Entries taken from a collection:
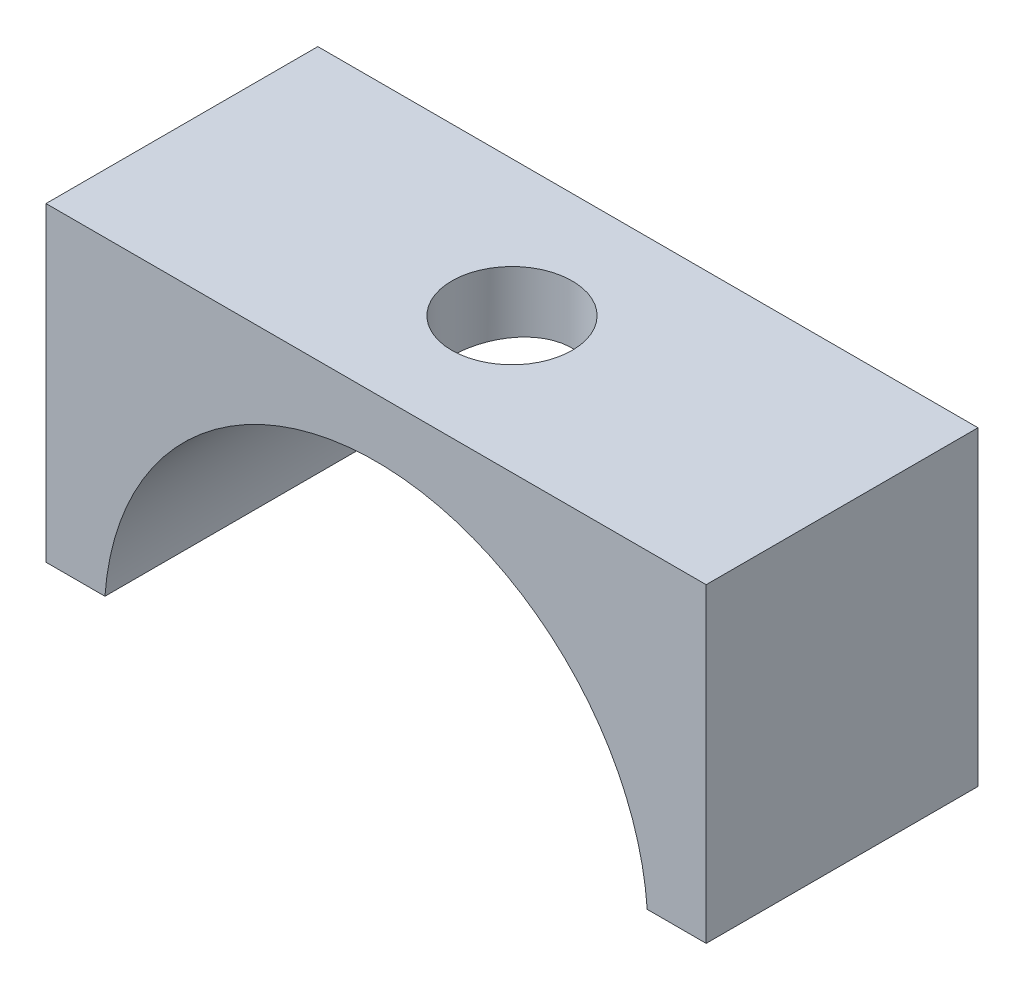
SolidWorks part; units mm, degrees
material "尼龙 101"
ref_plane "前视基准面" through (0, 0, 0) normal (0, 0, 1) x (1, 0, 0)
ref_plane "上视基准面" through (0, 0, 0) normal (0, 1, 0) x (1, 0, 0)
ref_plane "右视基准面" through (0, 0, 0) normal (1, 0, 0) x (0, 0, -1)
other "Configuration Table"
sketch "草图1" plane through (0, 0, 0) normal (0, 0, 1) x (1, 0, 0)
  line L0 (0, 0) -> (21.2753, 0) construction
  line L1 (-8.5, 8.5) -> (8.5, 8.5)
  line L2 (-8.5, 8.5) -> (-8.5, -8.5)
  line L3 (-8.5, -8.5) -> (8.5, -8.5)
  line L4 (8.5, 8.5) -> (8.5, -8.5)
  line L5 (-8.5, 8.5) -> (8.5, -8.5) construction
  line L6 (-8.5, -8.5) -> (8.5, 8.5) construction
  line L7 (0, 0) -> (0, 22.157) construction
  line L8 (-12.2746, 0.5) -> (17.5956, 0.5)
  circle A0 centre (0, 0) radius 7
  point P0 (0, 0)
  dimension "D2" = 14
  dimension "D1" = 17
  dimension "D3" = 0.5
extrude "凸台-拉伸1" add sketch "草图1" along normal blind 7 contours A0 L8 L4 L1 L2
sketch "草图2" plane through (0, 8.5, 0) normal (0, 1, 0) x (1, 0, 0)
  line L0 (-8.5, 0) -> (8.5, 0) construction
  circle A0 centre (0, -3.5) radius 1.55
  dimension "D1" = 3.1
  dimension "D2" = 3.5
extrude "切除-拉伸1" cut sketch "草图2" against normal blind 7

• Action item: Exactly as they appear above, give the records again, without their pictures.

• Written solution:
SolidWorks part; units mm, degrees
material "尼龙 101"
ref_plane "前视基准面" through (0, 0, 0) normal (0, 0, 1) x (1, 0, 0)
ref_plane "上视基准面" through (0, 0, 0) normal (0, 1, 0) x (1, 0, 0)
ref_plane "右视基准面" through (0, 0, 0) normal (1, 0, 0) x (0, 0, -1)
other "Configuration Table"
sketch "草图1" plane through (0, 0, 0) normal (0, 0, 1) x (1, 0, 0)
  line L0 (0, 0) -> (21.2753, 0) construction
  line L1 (-8.5, 8.5) -> (8.5, 8.5)
  line L2 (-8.5, 8.5) -> (-8.5, -8.5)
  line L3 (-8.5, -8.5) -> (8.5, -8.5)
  line L4 (8.5, 8.5) -> (8.5, -8.5)
  line L5 (-8.5, 8.5) -> (8.5, -8.5) construction
  line L6 (-8.5, -8.5) -> (8.5, 8.5) construction
  line L7 (0, 0) -> (0, 22.157) construction
  line L8 (-12.2746, 0.5) -> (17.5956, 0.5)
  circle A0 centre (0, 0) radius 7
  point P0 (0, 0)
  dimension "D2" = 14
  dimension "D1" = 17
  dimension "D3" = 0.5
extrude "凸台-拉伸1" add sketch "草图1" along normal blind 7 contours A0 L8 L4 L1 L2
sketch "草图2" plane through (0, 8.5, 0) normal (0, 1, 0) x (1, 0, 0)
  line L0 (-8.5, 0) -> (8.5, 0) construction
  circle A0 centre (0, -3.5) radius 1.55
  dimension "D1" = 3.1
  dimension "D2" = 3.5
extrude "切除-拉伸1" cut sketch "草图2" against normal blind 7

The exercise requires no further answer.